• [PROBLEM TO SOLVE]: The lines to copy from the data below are those that hold the string "where".

───── DATA

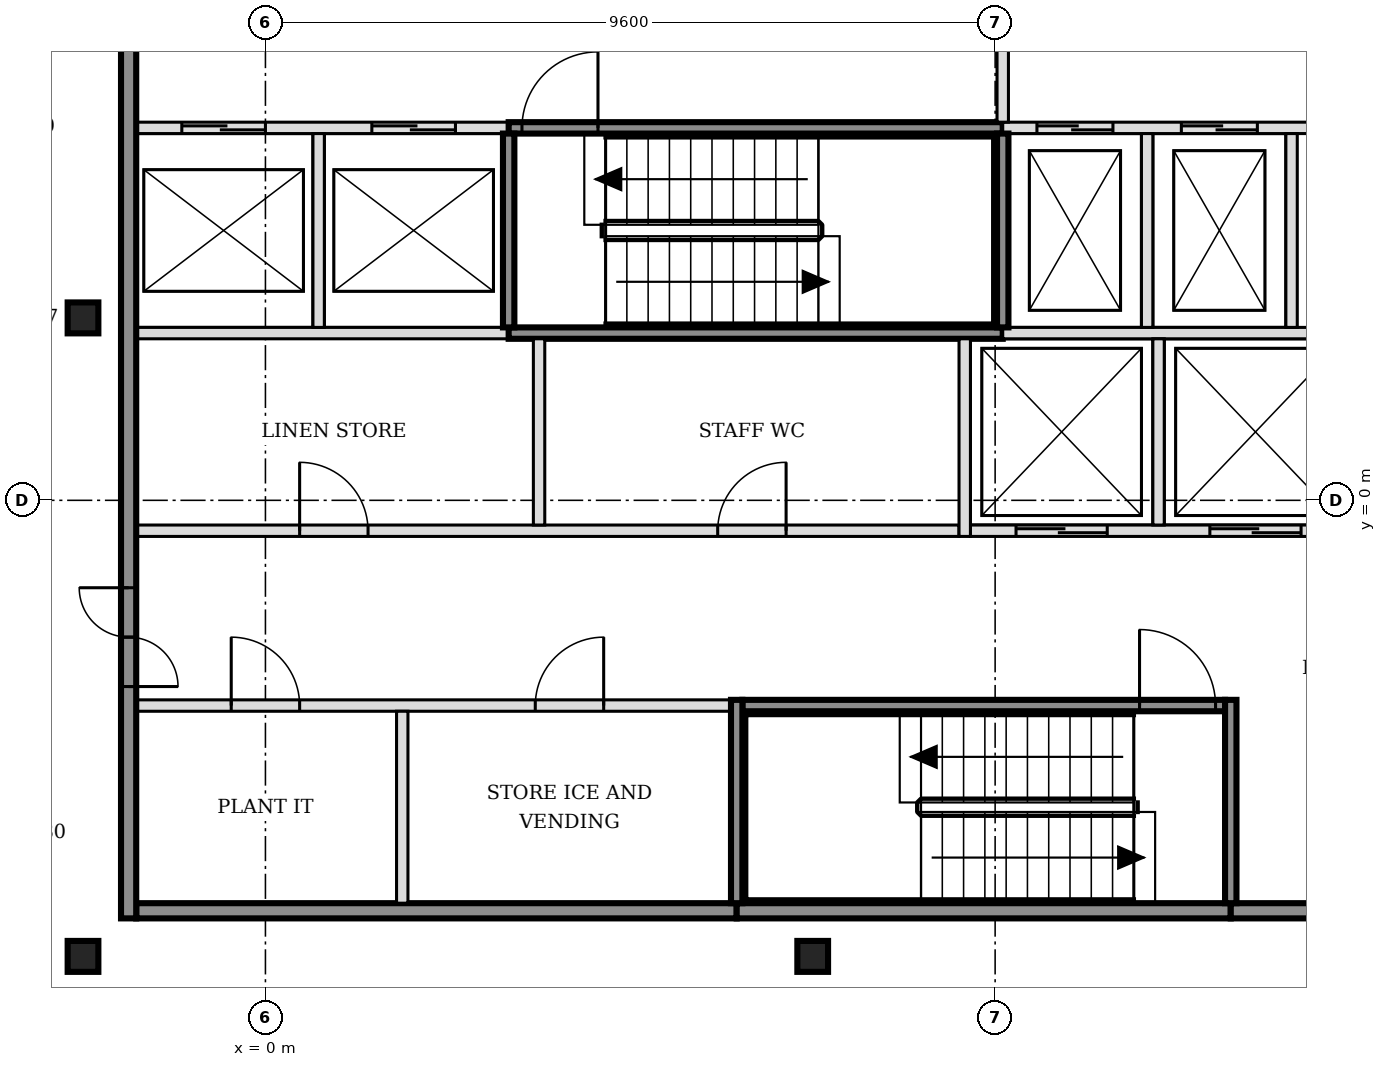
"""IFC4 building model, lengths in metres.
Left out: names, types, materials, properties, quantities, classifications, styles, units other than length and angle.
Written with IfcOpenShell. Run it as: python <this file> out.ifc"""

import sys

from ifc_helpers import new_model, si_unit, direction, frame, frame_2d, origin, origin_2d, place, context, subcontext, project, spatial, rectangle, i_section, extrude, element, fill, save


model = new_model("IFC4")
c1 = context("Model", 3, precision=1e-05, world=origin(), true_north=direction((0.0, 1.0)))
c2 = subcontext(c1, "Body", "Model", "MODEL_VIEW")
j1 = project(units=[si_unit("LENGTHUNIT", "METRE"), si_unit("PLANEANGLEUNIT", "RADIAN")], contexts=[c1])
p1 = place(None, origin())
s1 = spatial("IfcSite", under=j1, at=p1, CompositionType="ELEMENT")
p2 = place(p1, origin())
s2 = spatial("IfcBuilding", under=s1, at=p2, CompositionType="ELEMENT")
p3 = place(p2, frame((0.0, 0.0, 193.8)))
s3 = spatial("IfcBuildingStorey", under=s2, at=p3, CompositionType="ELEMENT", Elevation=193.8)
for number, where, z_axis, x_axis in (
    (1, (-2.4, -6.0, -0.15), (0.0, 0.0, 1.0), (1.0, 0.0, 0.0)),
    (2, (7.2, -6.0, -0.15), (0.0, 0.0, 1.0), (1.0, 0.0, 0.0)),
    (3, (-2.4, 2.4, -0.15), (0.0, 0.0, 1.0), (1.0, 0.0, 0.0)),
):
    element("IfcColumn", number, at=place(p3, frame(where, z_axis=z_axis, x_axis=x_axis)), inside=s3, PredefinedType="COLUMN", context=c2, shape_type="SweptSolid", body=[
        extrude(i_section(OverallWidth=0.404, OverallDepth=0.407, WebThickness=0.027, FlangeThickness=0.044, FilletRadius=0.015, at=origin_2d()), origin(), (0.0, 0.0, 1.0), 3.6),
    ])
p4 = place(p3, frame((-1.7, -5.4, 0.0), z_axis=(0.0, 0.0, 1.0), x_axis=(1.0, 0.0, 0.0)))
e4 = element("IfcWall", 4, at=p4, inside=s3, PredefinedType="SOLIDWALL", context=c2, shape_type="SweptSolid", body=[
    extrude(rectangle(XDim=7.9, YDim=0.2, at=frame_2d((3.95, 0.0))), origin(), (0.0, 0.0, 1.0), 3.45),
])
p5 = place(p3, frame((6.2, -5.4, 0.0), z_axis=(0.0, 0.0, 1.0), x_axis=(1.0, 0.0, 0.0)))
e5 = element("IfcWall", 5, at=p5, inside=s3, PredefinedType="SOLIDWALL", context=c2, shape_type="SweptSolid", body=[
    extrude(rectangle(XDim=6.5, YDim=0.2, at=frame_2d((3.25, 0.0))), origin(), (0.0, 0.0, 1.0), 3.45),
])
p6 = place(p3, frame((12.7, -5.4, 0.0), z_axis=(0.0, 0.0, 1.0), x_axis=(1.0, 0.0, 0.0)))
e6 = element("IfcWall", 6, at=p6, inside=s3, PredefinedType="SOLIDWALL", context=c2, shape_type="SweptSolid", body=[
    extrude(rectangle(XDim=3.4, YDim=0.2, at=frame_2d((1.7, 0.0))), origin(), (0.0, 0.0, 1.0), 3.45),
])
p7 = place(p3, frame((-1.7, -2.7, 0.0), z_axis=(0.0, 0.0, 1.0), x_axis=(1.0, 0.0, 0.0)))
e7 = element("IfcWall", 7, at=p7, inside=s3, PredefinedType="PARTITIONING", context=c2, shape_type="SweptSolid", body=[
    extrude(rectangle(XDim=7.825, YDim=0.15, at=frame_2d((3.913, 0.0))), origin(), (0.0, 0.0, 1.0), 3.45),
])
p8 = place(p7, frame((1.25, 0.0, 0.0)))
e8 = element("IfcOpeningElement", 8, at=p8, cuts=e7, PredefinedType="OPENING", context=c2, shape_type="SweptSolid", body=[
    extrude(rectangle(XDim=0.9, YDim=2.1, at=frame_2d((0.45, 1.05))), frame((0.0, 0.085, 0.0), z_axis=(0.0, -1.0, 0.0), x_axis=(1.0, 0.0, 0.0)), (0.0, 0.0, 1.0), 0.17),
])
p9 = place(p7, frame((5.25, 0.0, 0.0)))
e9 = element("IfcOpeningElement", 9, at=p9, cuts=e7, PredefinedType="OPENING", context=c2, shape_type="SweptSolid", body=[
    extrude(rectangle(XDim=0.9, YDim=2.1, at=frame_2d((0.45, 1.05))), frame((0.0, 0.085, 0.0), z_axis=(0.0, -1.0, 0.0), x_axis=(1.0, 0.0, 0.0)), (0.0, 0.0, 1.0), 0.17),
])
p10 = place(p3, frame((6.275, -2.7, 0.0), z_axis=(0.0, 0.0, 1.0), x_axis=(1.0, 0.0, 0.0)))
e10 = element("IfcWall", 10, at=p10, inside=s3, PredefinedType="SOLIDWALL", context=c2, shape_type="SweptSolid", body=[
    extrude(rectangle(XDim=6.35, YDim=0.15, at=frame_2d((3.175, 0.0))), origin(), (0.0, 0.0, 1.0), 3.45),
])
p11 = place(p10, frame((5.225, 0.0, 0.0)))
e11 = element("IfcOpeningElement", 11, at=p11, cuts=e10, PredefinedType="OPENING", context=c2, shape_type="SweptSolid", body=[
    extrude(rectangle(XDim=1.0, YDim=2.1, at=frame_2d((0.5, 1.05))), frame((0.0, 0.085, 0.0), z_axis=(0.0, -1.0, 0.0), x_axis=(1.0, 0.0, 0.0)), (0.0, 0.0, 1.0), 0.17),
])
p12 = place(p3, frame((-1.7, -0.4, 0.0), z_axis=(0.0, 0.0, 1.0), x_axis=(1.0, 0.0, 0.0)))
e12 = element("IfcWall", 12, at=p12, inside=s3, PredefinedType="PARTITIONING", context=c2, shape_type="SweptSolid", body=[
    extrude(rectangle(XDim=10.825, YDim=0.15, at=frame_2d((5.413, 0.0))), origin(), (0.0, 0.0, 1.0), 3.45),
])
p13 = place(p12, frame((2.15, 0.0, 0.0)))
e13 = element("IfcOpeningElement", 13, at=p13, cuts=e12, PredefinedType="OPENING", context=c2, shape_type="SweptSolid", body=[
    extrude(rectangle(XDim=0.9, YDim=2.1, at=frame_2d((0.45, 1.05))), frame((0.0, 0.085, 0.0), z_axis=(0.0, -1.0, 0.0), x_axis=(1.0, 0.0, 0.0)), (0.0, 0.0, 1.0), 0.17),
])
p14 = place(p12, frame((7.65, 0.0, 0.0)))
e14 = element("IfcOpeningElement", 14, at=p14, cuts=e12, PredefinedType="OPENING", context=c2, shape_type="SweptSolid", body=[
    extrude(rectangle(XDim=0.9, YDim=2.1, at=frame_2d((0.45, 1.05))), frame((0.0, 0.085, 0.0), z_axis=(0.0, -1.0, 0.0), x_axis=(1.0, 0.0, 0.0)), (0.0, 0.0, 1.0), 0.17),
])
p15 = place(p3, frame((9.275, -0.4, 0.0), z_axis=(0.0, 0.0, 1.0), x_axis=(1.0, 0.0, 0.0)))
e15 = element("IfcWall", 15, at=p15, inside=s3, PredefinedType="SOLIDWALL", context=c2, shape_type="SweptSolid", body=[
    extrude(rectangle(XDim=4.95, YDim=0.15, at=frame_2d((2.475, 0.0))), origin(), (0.0, 0.0, 1.0), 3.45),
])
p16 = place(p15, frame((0.6, 0.0, 0.0)))
e16 = element("IfcOpeningElement", 16, at=p16, cuts=e15, PredefinedType="OPENING", context=c2, shape_type="SweptSolid", body=[
    extrude(rectangle(XDim=1.2, YDim=2.1, at=frame_2d((0.6, 1.05))), frame((0.0, 0.085, 0.0), z_axis=(0.0, -1.0, 0.0), x_axis=(1.0, 0.0, 0.0)), (0.0, 0.0, 1.0), 0.17),
])
p17 = place(p15, frame((3.15, 0.0, 0.0)))
e17 = element("IfcOpeningElement", 17, at=p17, cuts=e15, PredefinedType="OPENING", context=c2, shape_type="SweptSolid", body=[
    extrude(rectangle(XDim=1.2, YDim=2.1, at=frame_2d((0.6, 1.05))), frame((0.0, 0.085, 0.0), z_axis=(0.0, -1.0, 0.0), x_axis=(1.0, 0.0, 0.0)), (0.0, 0.0, 1.0), 0.17),
])
p18 = place(p3, frame((-1.7, 2.2, 0.0), z_axis=(0.0, 0.0, 1.0), x_axis=(1.0, 0.0, 0.0)))
e18 = element("IfcWall", 18, at=p18, inside=s3, PredefinedType="SOLIDWALL", context=c2, shape_type="SweptSolid", body=[
    extrude(rectangle(XDim=4.9, YDim=0.15, at=frame_2d((2.45, 0.0))), origin(), (0.0, 0.0, 1.0), 3.45),
])
p19 = place(p3, frame((3.2, 2.2, 0.0), z_axis=(0.0, 0.0, 1.0), x_axis=(1.0, 0.0, 0.0)))
e19 = element("IfcWall", 19, at=p19, inside=s3, PredefinedType="SOLIDWALL", context=c2, shape_type="SweptSolid", body=[
    extrude(rectangle(XDim=6.5, YDim=0.15, at=frame_2d((3.25, 0.0))), origin(), (0.0, 0.0, 1.0), 3.45),
])
p20 = place(p3, frame((9.7, 2.2, 0.0), z_axis=(0.0, 0.0, 1.0), x_axis=(1.0, 0.0, 0.0)))
e20 = element("IfcWall", 20, at=p20, inside=s3, PredefinedType="SOLIDWALL", context=c2, shape_type="SweptSolid", body=[
    extrude(rectangle(XDim=4.525, YDim=0.15, at=frame_2d((2.263, 0.0))), origin(), (0.0, 0.0, 1.0), 3.45),
])
p21 = place(p3, frame((-1.7, 4.9, 0.0), z_axis=(0.0, 0.0, 1.0), x_axis=(1.0, 0.0, 0.0)))
e21 = element("IfcWall", 21, at=p21, inside=s3, PredefinedType="SOLIDWALL", context=c2, shape_type="SweptSolid", body=[
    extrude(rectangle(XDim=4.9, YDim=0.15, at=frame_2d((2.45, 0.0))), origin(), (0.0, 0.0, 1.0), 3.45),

──────────

• [RESULT OF THIS EXERCISE]:
for number, where, z_axis, x_axis in (
    element("IfcColumn", number, at=place(p3, frame(where, z_axis=z_axis, x_axis=x_axis)), inside=s3, PredefinedType="COLUMN", context=c2, shape_type="SweptSolid", body=[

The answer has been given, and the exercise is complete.